> [Requirement]
Taking the line with "#54=CARTESIAN_POINT('',(0.4034,0.2973,0.2953));" as the first and the line with "#75=CIRCLE('',#74,0.01969);" as the last, set down exactly every line in that range from the entries below, and no more.

** Opening Given records block **

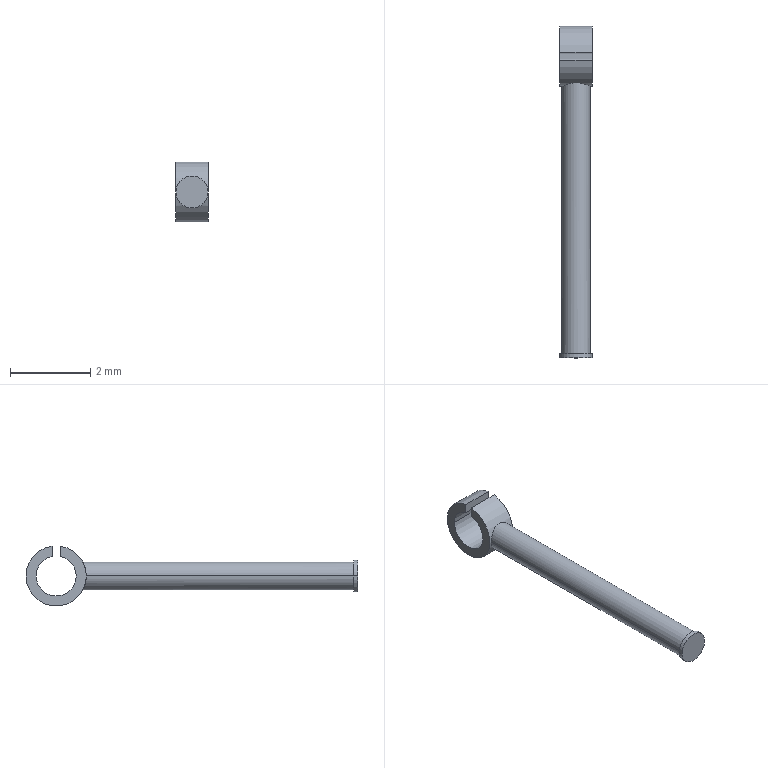Component | SolidWorks | PushRod-15 | 1 solid | 16 faces | box 0.8 x 8.26 x 1.49 mm | volume 3 mm3 | cylinder 10 | plane 6 | commonest cylinder face diameters 1 x3 1.5 x3 0.8 x2 0.7 x2
build123d program:
from build123d import *

# Parameters (mm, degrees)
BOSS_EXTRUDE1_DEPTH      = 3.75
BOSS_EXTRUDE1_DEPTH_BACK = 3
SKETCH2_R                = 0.35
SKETCH3_R                = 0.75
SKETCH3_R_2              = 0.5
BOSS_EXTRUDE2_DEPTH      = 0.4
SKETCH4_R                = 0.4
BOSS_EXTRUDE3_DEPTH      = 0.1
SKETCH5_W                = 0.2
SKETCH5_H                = 0.7342
CUT_EXTRUDE1_DEPTH       = 1


with BuildPart() as part:
    # Sketch2 → Boss-Extrude1 (new, two sides: drawn at the far end of the back side and taken through both)
    with BuildSketch(Plane.XY.offset(-BOSS_EXTRUDE1_DEPTH_BACK)):
        with Locations((-0.5, 1.5)):
            Circle(SKETCH2_R)
    extrude(amount=BOSS_EXTRUDE1_DEPTH + BOSS_EXTRUDE1_DEPTH_BACK)

    # Sketch3 → Boss-Extrude2 (add, symmetric)
    with BuildSketch(Plane(origin=(-0.5, 0, 0), x_dir=(0, 0, -1), z_dir=(1, 0, 0))):
        with Locations((-4.413, 1.5)):
            Circle(SKETCH3_R)
        with Locations((-4.413, 1.5)):
            Circle(SKETCH3_R_2, mode=Mode.SUBTRACT)
    extrude(amount=BOSS_EXTRUDE2_DEPTH, both=True)

    # Sketch4 → Boss-Extrude3 (add)
    with BuildSketch(Plane(origin=(0, 0, -3), x_dir=(-1, 0, 0), z_dir=(0, 0, -1))):
        with Locations((0.5, 1.5)):
            Circle(SKETCH4_R)
    extrude(amount=BOSS_EXTRUDE3_DEPTH)

    # Sketch5 → Cut-Extrude1 (cut)
    with BuildSketch(Plane(origin=(-0.1, 0, 0), x_dir=(0, 0, -1), z_dir=(1, 0, 0))):
        with Locations((-4.413, 0.75)):
            Rectangle(SKETCH5_W, SKETCH5_H)
    extrude(amount=-CUT_EXTRUDE1_DEPTH, mode=Mode.SUBTRACT)


solid = part.part

# Placed as in the assembly
solid = solid.moved(Location((10.347, 3.138, 9), (-90, 0, 0)))
STEP:
#1=COLOUR_RGB('',0.7922,0.8196,0.9333);
#2=FILL_AREA_STYLE_COLOUR('',#1);
#3=FILL_AREA_STYLE('',(#2));
#4=SURFACE_STYLE_FILL_AREA(#3);
#5=SURFACE_SIDE_STYLE('',(#4));
#6=SURFACE_STYLE_USAGE(.BOTH.,#5);
#7=PRESENTATION_STYLE_ASSIGNMENT((#6));
#8=CARTESIAN_POINT('',(0.3719,0.001518,0.2953));
#9=VERTEX_POINT('',#8);
#10=CARTESIAN_POINT('',(0.4034,0.001518,0.2953));
#11=VERTEX_POINT('',#10);
#12=CARTESIAN_POINT('',(0.3877,0.001518,0.2953));
#13=DIRECTION('',(0.,-1.,0.));
#14=DIRECTION('',(-1.,-0.,0.));
#15=AXIS2_PLACEMENT_3D('',#12,#13,#14);
#16=CIRCLE('',#15,0.01575);
#17=EDGE_CURVE('',#9,#11,#16,.T.);
#18=ORIENTED_EDGE('',*,*,#17,.F.);
#19=CARTESIAN_POINT('',(0.3719,0.005455,0.2953));
#20=VERTEX_POINT('',#19);
#21=CARTESIAN_POINT('',(0.3719,0.001518,0.2953));
#22=DIRECTION('',(-0.,1.,-0.));
#23=VECTOR('',#22,39.37);
#24=LINE('',#21,#23);
#25=EDGE_CURVE('',#9,#20,#24,.T.);
#26=ORIENTED_EDGE('',*,*,#25,.T.);
#27=CARTESIAN_POINT('',(0.4034,0.005455,0.2953));
#28=VERTEX_POINT('',#27);
#29=CARTESIAN_POINT('',(0.3877,0.005455,0.2953));
#30=DIRECTION('',(0.,-1.,0.));
#31=DIRECTION('',(-1.,-0.,0.));
#32=AXIS2_PLACEMENT_3D('',#29,#30,#31);
#33=CIRCLE('',#32,0.01575);
#34=EDGE_CURVE('',#20,#28,#33,.T.);
#35=ORIENTED_EDGE('',*,*,#34,.T.);
#36=CARTESIAN_POINT('',(0.4034,0.001518,0.2953));
#37=DIRECTION('',(-0.,1.,-0.));
#38=VECTOR('',#37,39.37);
#39=LINE('',#36,#38);
#40=EDGE_CURVE('',#11,#28,#39,.T.);
#41=ORIENTED_EDGE('',*,*,#40,.F.);
#42=EDGE_LOOP('',(#18,#26,#35,#41));
#43=FACE_OUTER_BOUND('',#42,.T.);
#44=CARTESIAN_POINT('',(0.3877,0.001518,0.2953));
#45=DIRECTION('',(-0.,1.,-0.));
#46=DIRECTION('',(1.,0.,0.));
#47=AXIS2_PLACEMENT_3D('',#44,#45,#46);
#48=CYLINDRICAL_SURFACE('',#47,0.01575);
#49=ADVANCED_FACE('',(#43),#48,.T.);
#50=CARTESIAN_POINT('',(0.4034,0.2934,0.3146));
#51=VERTEX_POINT('',#50);
#52=CARTESIAN_POINT('',(0.4034,0.2776,0.2953));
#53=VERTEX_POINT('',#52);
#54=CARTESIAN_POINT('',(0.4034,0.2973,0.2953));
#55=DIRECTION('',(1.,0.,0.));
#56=DIRECTION('',(0.,-1.,0.));
#57=AXIS2_PLACEMENT_3D('',#54,#55,#56);
#58=CIRCLE('',#57,0.01969);
#59=EDGE_CURVE('',#51,#53,#58,.T.);
#60=ORIENTED_EDGE('',*,*,#59,.T.);
#61=CARTESIAN_POINT('',(0.3719,0.2776,0.2953));
#62=VERTEX_POINT('',#61);
#63=CARTESIAN_POINT('',(0.4034,0.2776,0.2953));
#64=DIRECTION('',(-1.,-0.,0.));
#65=VECTOR('',#64,39.37);
#66=LINE('',#63,#65);
#67=EDGE_CURVE('',#53,#62,#66,.T.);
#68=ORIENTED_EDGE('',*,*,#67,.T.);
#69=CARTESIAN_POINT('',(0.3719,0.2934,0.3146));
#70=VERTEX_POINT('',#69);
#71=CARTESIAN_POINT('',(0.3719,0.2973,0.2953));
#72=DIRECTION('',(1.,0.,0.));
#73=DIRECTION('',(0.,-1.,0.));
#74=AXIS2_PLACEMENT_3D('',#71,#72,#73);
#75=CIRCLE('',#74,0.01969);
#76=EDGE_CURVE('',#70,#62,#75,.T.);
#77=ORIENTED_EDGE('',*,*,#76,.F.);
#78=CARTESIAN_POINT('',(0.4034,0.2934,0.3146));
#79=DIRECTION('',(-1.,-0.,0.));
#80=VECTOR('',#79,39.37);
#81=LINE('',#78,#80);
#82=EDGE_CURVE('',#51,#70,#81,.T.);
#83=ORIENTED_EDGE('',*,*,#82,.F.);
#84=EDGE_LOOP('',(#60,#68,#77,#83));
#85=FACE_OUTER_BOUND('',#84,.T.);
#86=CARTESIAN_POINT('',(0.4034,0.2973,0.2953));
#87=DIRECTION('',(-1.,-0.,0.));
#88=DIRECTION('',(0.,1.,0.));
#89=AXIS2_PLACEMENT_3D('',#86,#87,#88);
#90=CYLINDRICAL_SURFACE('',#89,0.01969);
#91=ADVANCED_FACE('',(#85),#90,.F.);
#92=ORIENTED_EDGE('',*,*,#67,.F.);
#93=CARTESIAN_POINT('',(0.4034,0.317,0.2953));
#94=VERTEX_POINT('',#93);
#95=CARTESIAN_POINT('',(0.4034,0.2973,0.2953));
#96=DIRECTION('',(1.,0.,0.));
#97=DIRECTION('',(0.,-1.,0.));
#98=AXIS2_PLACEMENT_3D('',#95,#96,#97);
#99=CIRCLE('',#98,0.01969);
#100=EDGE_CURVE('',#53,#94,#99,.T.);
#101=ORIENTED_EDGE('',*,*,#100,.T.);
#102=CARTESIAN_POINT('',(0.3719,0.317,0.2953));
#103=VERTEX_POINT('',#102);
#104=CARTESIAN_POINT('',(0.4034,0.317,0.2953));
#105=DIRECTION('',(-1.,-0.,0.));
#106=VECTOR('',#105,39.37);
#107=LINE('',#104,#106);
#108=EDGE_CURVE('',#94,#103,#107,.T.);
#109=ORIENTED_EDGE('',*,*,#108,.T.);
#110=CARTESIAN_POINT('',(0.3719,0.2973,0.2953));
#111=DIRECTION('',(1.,0.,0.));
#112=DIRECTION('',(0.,-1.,0.));
#113=AXIS2_PLACEMENT_3D('',#110,#111,#112);
#114=CIRCLE('',#113,0.01969);
#115=EDGE_CURVE('',#62,#103,#114,.T.);
#116=ORIENTED_EDGE('',*,*,#115,.F.);
#117=EDGE_LOOP('',(#92,#101,#109,#116));
#118=FACE_OUTER_BOUND('',#117,.T.);
#119=CARTESIAN_POINT('',(0.4034,0.2973,0.2953));
#120=DIRECTION('',(-1.,-0.,0.));
#121=DIRECTION('',(0.,1.,0.));
#122=AXIS2_PLACEMENT_3D('',#119,#120,#121);
#123=CYLINDRICAL_SURFACE('',#122,0.01969);
#124=ADVANCED_FACE('',(#118),#123,.F.);
#125=CARTESIAN_POINT('',(0.4034,0.2678,0.2953));
#126=VERTEX_POINT('',#125);
#127=CARTESIAN_POINT('',(0.4034,0.3268,0.2953));
#128=VERTEX_POINT('',#127);
#129=CARTESIAN_POINT('',(0.4034,0.2973,0.2953));
#130=DIRECTION('',(1.,0.,0.));
#131=DIRECTION('',(0.,-1.,0.));
#132=AXIS2_PLACEMENT_3D('',#129,#130,#131);
#133=CIRCLE('',#132,0.02953);
#134=EDGE_CURVE('',#126,#128,#133,.T.);
#135=ORIENTED_EDGE('',*,*,#134,.F.);
#136=CARTESIAN_POINT('',(0.4015,0.2678,0.2953));
#137=VERTEX_POINT('',#136);
#138=CARTESIAN_POINT('',(0.4034,0.2678,0.2953));
#139=DIRECTION('',(-1.,-0.,0.));
#140=VECTOR('',#139,39.37);
#141=LINE('',#138,#140);
#142=EDGE_CURVE('',#126,#137,#141,.T.);
#143=ORIENTED_EDGE('',*,*,#142,.T.);
#144=CARTESIAN_POINT('',(0.3739,0.2678,0.2953));
#145=VERTEX_POINT('',#144);
#146=CARTESIAN_POINT('',(0.4015,0.2678,0.2953));
#147=CARTESIAN_POINT('',(0.4015,0.2678,0.2916));
#148=CARTESIAN_POINT('',(0.3999,0.2686,0.288));
#149=CARTESIAN_POINT('',(0.3949,0.2703,0.283));
#150=CARTESIAN_POINT('',(0.3913,0.2712,0.2815));
#151=CARTESIAN_POINT('',(0.384,0.2712,0.2815));
#152=CARTESIAN_POINT('',(0.3804,0.2703,0.283));
#153=CARTESIAN_POINT('',(0.3754,0.2686,0.2881));
#154=CARTESIAN_POINT('',(0.3739,0.2678,0.2916));
#155=CARTESIAN_POINT('',(0.3739,0.2678,0.2953));
#156=B_SPLINE_CURVE_WITH_KNOTS('',3,(#146,#147,#148,#149,#150,#151,#152,#153,#154,#155),.UNSPECIFIED.,.F.,.F.,(4,2,2,2,4),(0.0005555,0.0008329,0.00111,0.001388,0.001665),.UNSPECIFIED.);
#157=EDGE_CURVE('',#137,#145,#156,.T.);
#158=ORIENTED_EDGE('',*,*,#157,.T.);
#159=CARTESIAN_POINT('',(0.3719,0.2678,0.2953));
#160=VERTEX_POINT('',#159);
#161=CARTESIAN_POINT('',(0.4034,0.2678,0.2953));
#162=DIRECTION('',(-1.,-0.,0.));
#163=VECTOR('',#162,39.37);
#164=LINE('',#161,#163);
#165=EDGE_CURVE('',#145,#160,#164,.T.);
#166=ORIENTED_EDGE('',*,*,#165,.T.);
#167=CARTESIAN_POINT('',(0.3719,0.3268,0.2953));
#168=VERTEX_POINT('',#167);
#169=CARTESIAN_POINT('',(0.3719,0.2973,0.2953));
#170=DIRECTION('',(1.,0.,0.));
#171=DIRECTION('',(0.,-1.,0.));
#172=AXIS2_PLACEMENT_3D('',#169,#170,#171);
#173=CIRCLE('',#172,0.02953);
#174=EDGE_CURVE('',#160,#168,#173,.T.);
#175=ORIENTED_EDGE('',*,*,#174,.T.);
#176=CARTESIAN_POINT('',(0.4034,0.3268,0.2953));
#177=DIRECTION('',(-1.,-0.,0.));
#178=VECTOR('',#177,39.37);
#179=LINE('',#176,#178);
#180=EDGE_CURVE('',#128,#168,#179,.T.);
#181=ORIENTED_EDGE('',*,*,#180,.F.);
#182=EDGE_LOOP('',(#135,#143,#158,#166,#175,#181));
#183=FACE_OUTER_BOUND('',#182,.T.);
#184=CARTESIAN_POINT('',(0.4034,0.2973,0.2953));
#185=DIRECTION('',(-1.,-0.,0.));
#186=DIRECTION('',(0.,1.,0.));
#187=AXIS2_PLACEMENT_3D('',#184,#185,#186);
#188=CYLINDRICAL_SURFACE('',#187,0.02953);
#189=ADVANCED_FACE('',(#183),#188,.T.);
#190=CARTESIAN_POINT('',(0.4034,0.3013,0.3245));
#191=VERTEX_POINT('',#190);
#192=CARTESIAN_POINT('',(0.4034,0.2973,0.2953));
#193=DIRECTION('',(1.,0.,0.));
#194=DIRECTION('',(0.,-1.,0.));
#195=AXIS2_PLACEMENT_3D('',#192,#193,#194);
#196=CIRCLE('',#195,0.02953);
#197=EDGE_CURVE('',#128,#191,#196,.T.);
#198=ORIENTED_EDGE('',*,*,#197,.F.);
#199=ORIENTED_EDGE('',*,*,#180,.T.);
#200=CARTESIAN_POINT('',(0.3719,0.3013,0.3245));
#201=VERTEX_POINT('',#200);
#202=CARTESIAN_POINT('',(0.3719,0.2973,0.2953));
#203=DIRECTION('',(1.,0.,0.));
#204=DIRECTION('',(0.,-1.,0.));
#205=AXIS2_PLACEMENT_3D('',#202,#203,#204);
#206=CIRCLE('',#205,0.02953);
#207=EDGE_CURVE('',#168,#201,#206,.T.);
#208=ORIENTED_EDGE('',*,*,#207,.T.);
#209=CARTESIAN_POINT('',(0.4034,0.3013,0.3245));
#210=DIRECTION('',(1.,0.,0.));
#211=VECTOR('',#210,39.37);
#212=LINE('',#209,#211);
#213=EDGE_CURVE('',#201,#191,#212,.T.);
#214=ORIENTED_EDGE('',*,*,#213,.T.);
#215=EDGE_LOOP('',(#198,#199,#208,#214));
#216=FACE_OUTER_BOUND('',#215,.T.);
#217=CARTESIAN_POINT('',(0.4034,0.2973,0.2953));
#218=DIRECTION('',(-1.,-0.,0.));
#219=DIRECTION('',(0.,1.,0.));
#220=AXIS2_PLACEMENT_3D('',#217,#218,#219);
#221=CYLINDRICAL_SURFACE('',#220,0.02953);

** Closing Given records block **

> [Output below]
#54=CARTESIAN_POINT('',(0.4034,0.2973,0.2953));
#55=DIRECTION('',(1.,0.,0.));
#56=DIRECTION('',(0.,-1.,0.));
#57=AXIS2_PLACEMENT_3D('',#54,#55,#56);
#58=CIRCLE('',#57,0.01969);
#59=EDGE_CURVE('',#51,#53,#58,.T.);
#60=ORIENTED_EDGE('',*,*,#59,.T.);
#61=CARTESIAN_POINT('',(0.3719,0.2776,0.2953));
#62=VERTEX_POINT('',#61);
#63=CARTESIAN_POINT('',(0.4034,0.2776,0.2953));
#64=DIRECTION('',(-1.,-0.,0.));
#65=VECTOR('',#64,39.37);
#66=LINE('',#63,#65);
#67=EDGE_CURVE('',#53,#62,#66,.T.);
#68=ORIENTED_EDGE('',*,*,#67,.T.);
#69=CARTESIAN_POINT('',(0.3719,0.2934,0.3146));
#70=VERTEX_POINT('',#69);
#71=CARTESIAN_POINT('',(0.3719,0.2973,0.2953));
#72=DIRECTION('',(1.,0.,0.));
#73=DIRECTION('',(0.,-1.,0.));
#74=AXIS2_PLACEMENT_3D('',#71,#72,#73);
#75=CIRCLE('',#74,0.01969);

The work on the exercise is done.